RECORDS FOR THIS TASK:

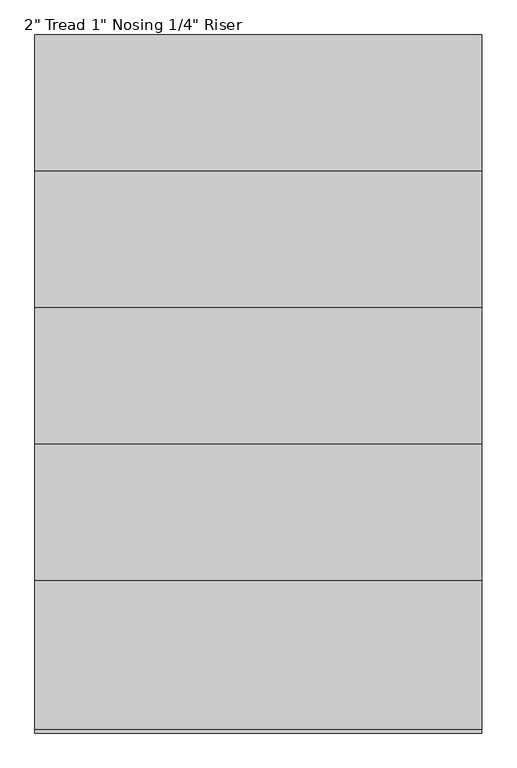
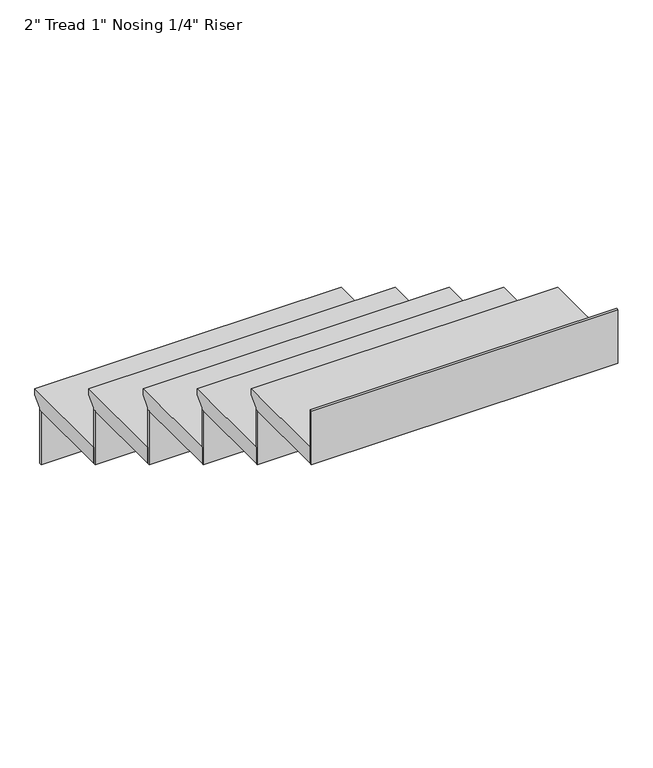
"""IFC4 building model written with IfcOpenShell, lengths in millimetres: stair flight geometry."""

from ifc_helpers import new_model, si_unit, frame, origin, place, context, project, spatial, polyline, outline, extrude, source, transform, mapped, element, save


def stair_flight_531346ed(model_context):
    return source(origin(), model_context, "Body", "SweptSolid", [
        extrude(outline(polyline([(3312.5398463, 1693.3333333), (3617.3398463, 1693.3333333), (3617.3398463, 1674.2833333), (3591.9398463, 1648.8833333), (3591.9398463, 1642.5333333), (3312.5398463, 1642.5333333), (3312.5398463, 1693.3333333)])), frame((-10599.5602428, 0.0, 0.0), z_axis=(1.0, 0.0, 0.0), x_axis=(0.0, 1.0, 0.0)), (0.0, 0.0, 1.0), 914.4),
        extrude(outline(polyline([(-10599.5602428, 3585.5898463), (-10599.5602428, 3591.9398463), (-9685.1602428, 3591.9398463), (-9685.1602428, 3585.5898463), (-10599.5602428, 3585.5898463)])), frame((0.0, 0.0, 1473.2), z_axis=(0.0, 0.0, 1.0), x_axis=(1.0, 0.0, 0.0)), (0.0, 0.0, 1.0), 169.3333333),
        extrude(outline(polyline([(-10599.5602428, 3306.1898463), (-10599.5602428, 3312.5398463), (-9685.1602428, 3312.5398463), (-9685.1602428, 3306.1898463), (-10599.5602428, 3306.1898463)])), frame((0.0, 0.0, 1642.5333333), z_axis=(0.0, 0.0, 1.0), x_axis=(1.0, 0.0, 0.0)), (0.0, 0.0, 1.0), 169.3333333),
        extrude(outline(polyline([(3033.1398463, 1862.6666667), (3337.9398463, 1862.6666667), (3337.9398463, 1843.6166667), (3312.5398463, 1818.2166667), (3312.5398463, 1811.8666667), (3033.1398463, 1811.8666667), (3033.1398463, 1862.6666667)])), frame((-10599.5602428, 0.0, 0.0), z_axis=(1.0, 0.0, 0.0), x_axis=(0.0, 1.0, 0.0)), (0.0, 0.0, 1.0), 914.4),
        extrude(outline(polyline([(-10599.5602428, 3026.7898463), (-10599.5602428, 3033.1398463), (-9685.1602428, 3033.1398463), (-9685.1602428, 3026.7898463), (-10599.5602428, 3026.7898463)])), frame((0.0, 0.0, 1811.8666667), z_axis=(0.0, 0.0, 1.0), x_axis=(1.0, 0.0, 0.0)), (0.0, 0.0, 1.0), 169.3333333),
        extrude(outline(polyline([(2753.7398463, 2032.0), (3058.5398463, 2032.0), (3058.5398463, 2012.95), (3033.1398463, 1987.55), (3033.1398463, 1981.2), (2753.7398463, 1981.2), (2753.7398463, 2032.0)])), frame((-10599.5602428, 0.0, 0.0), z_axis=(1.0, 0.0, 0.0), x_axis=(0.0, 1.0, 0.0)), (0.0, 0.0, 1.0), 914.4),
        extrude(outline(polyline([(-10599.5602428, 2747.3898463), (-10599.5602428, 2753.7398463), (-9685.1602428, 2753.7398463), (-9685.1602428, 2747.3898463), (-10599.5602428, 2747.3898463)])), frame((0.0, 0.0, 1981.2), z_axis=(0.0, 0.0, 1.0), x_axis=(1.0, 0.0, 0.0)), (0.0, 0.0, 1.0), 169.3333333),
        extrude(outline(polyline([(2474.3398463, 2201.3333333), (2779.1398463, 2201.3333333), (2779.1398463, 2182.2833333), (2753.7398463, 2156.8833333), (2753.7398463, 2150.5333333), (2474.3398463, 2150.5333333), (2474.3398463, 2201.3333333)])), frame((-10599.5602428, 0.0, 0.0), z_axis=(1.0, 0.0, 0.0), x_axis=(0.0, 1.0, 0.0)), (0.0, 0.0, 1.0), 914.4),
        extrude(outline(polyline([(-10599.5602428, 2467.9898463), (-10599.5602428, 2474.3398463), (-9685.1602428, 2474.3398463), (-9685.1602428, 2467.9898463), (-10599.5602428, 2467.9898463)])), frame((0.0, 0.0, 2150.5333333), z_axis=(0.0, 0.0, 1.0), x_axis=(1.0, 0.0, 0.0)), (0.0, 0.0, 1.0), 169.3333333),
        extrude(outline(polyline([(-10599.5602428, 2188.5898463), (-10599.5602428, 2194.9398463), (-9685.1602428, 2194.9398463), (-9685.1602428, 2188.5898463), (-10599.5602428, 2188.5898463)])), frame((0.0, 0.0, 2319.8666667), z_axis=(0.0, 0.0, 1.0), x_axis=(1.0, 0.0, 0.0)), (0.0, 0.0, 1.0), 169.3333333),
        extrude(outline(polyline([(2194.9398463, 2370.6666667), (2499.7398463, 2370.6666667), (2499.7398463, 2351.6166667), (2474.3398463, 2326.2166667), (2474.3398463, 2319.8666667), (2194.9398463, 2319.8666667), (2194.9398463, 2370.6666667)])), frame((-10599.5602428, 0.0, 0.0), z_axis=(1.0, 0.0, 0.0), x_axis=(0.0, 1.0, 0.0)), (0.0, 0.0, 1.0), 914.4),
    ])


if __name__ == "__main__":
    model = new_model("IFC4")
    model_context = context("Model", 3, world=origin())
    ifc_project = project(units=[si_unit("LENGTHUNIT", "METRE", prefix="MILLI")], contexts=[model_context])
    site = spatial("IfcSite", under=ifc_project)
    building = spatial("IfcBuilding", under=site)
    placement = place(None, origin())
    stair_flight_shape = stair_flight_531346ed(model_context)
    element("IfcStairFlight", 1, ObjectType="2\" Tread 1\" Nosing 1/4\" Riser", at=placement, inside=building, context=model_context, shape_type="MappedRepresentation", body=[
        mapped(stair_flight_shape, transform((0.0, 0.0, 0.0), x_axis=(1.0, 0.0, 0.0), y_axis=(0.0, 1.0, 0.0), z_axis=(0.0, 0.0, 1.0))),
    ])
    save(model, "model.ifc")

HOW TO COMPLETE THIS TASK: Take from the listing above each line that contains the string "building".

THE COMPLETED TASK:
"""IFC4 building model written with IfcOpenShell, lengths in millimetres: stair flight geometry."""
    building = spatial("IfcBuilding", under=site)
    element("IfcStairFlight", 1, ObjectType="2\" Tread 1\" Nosing 1/4\" Riser", at=placement, inside=building, context=model_context, shape_type="MappedRepresentation", body=[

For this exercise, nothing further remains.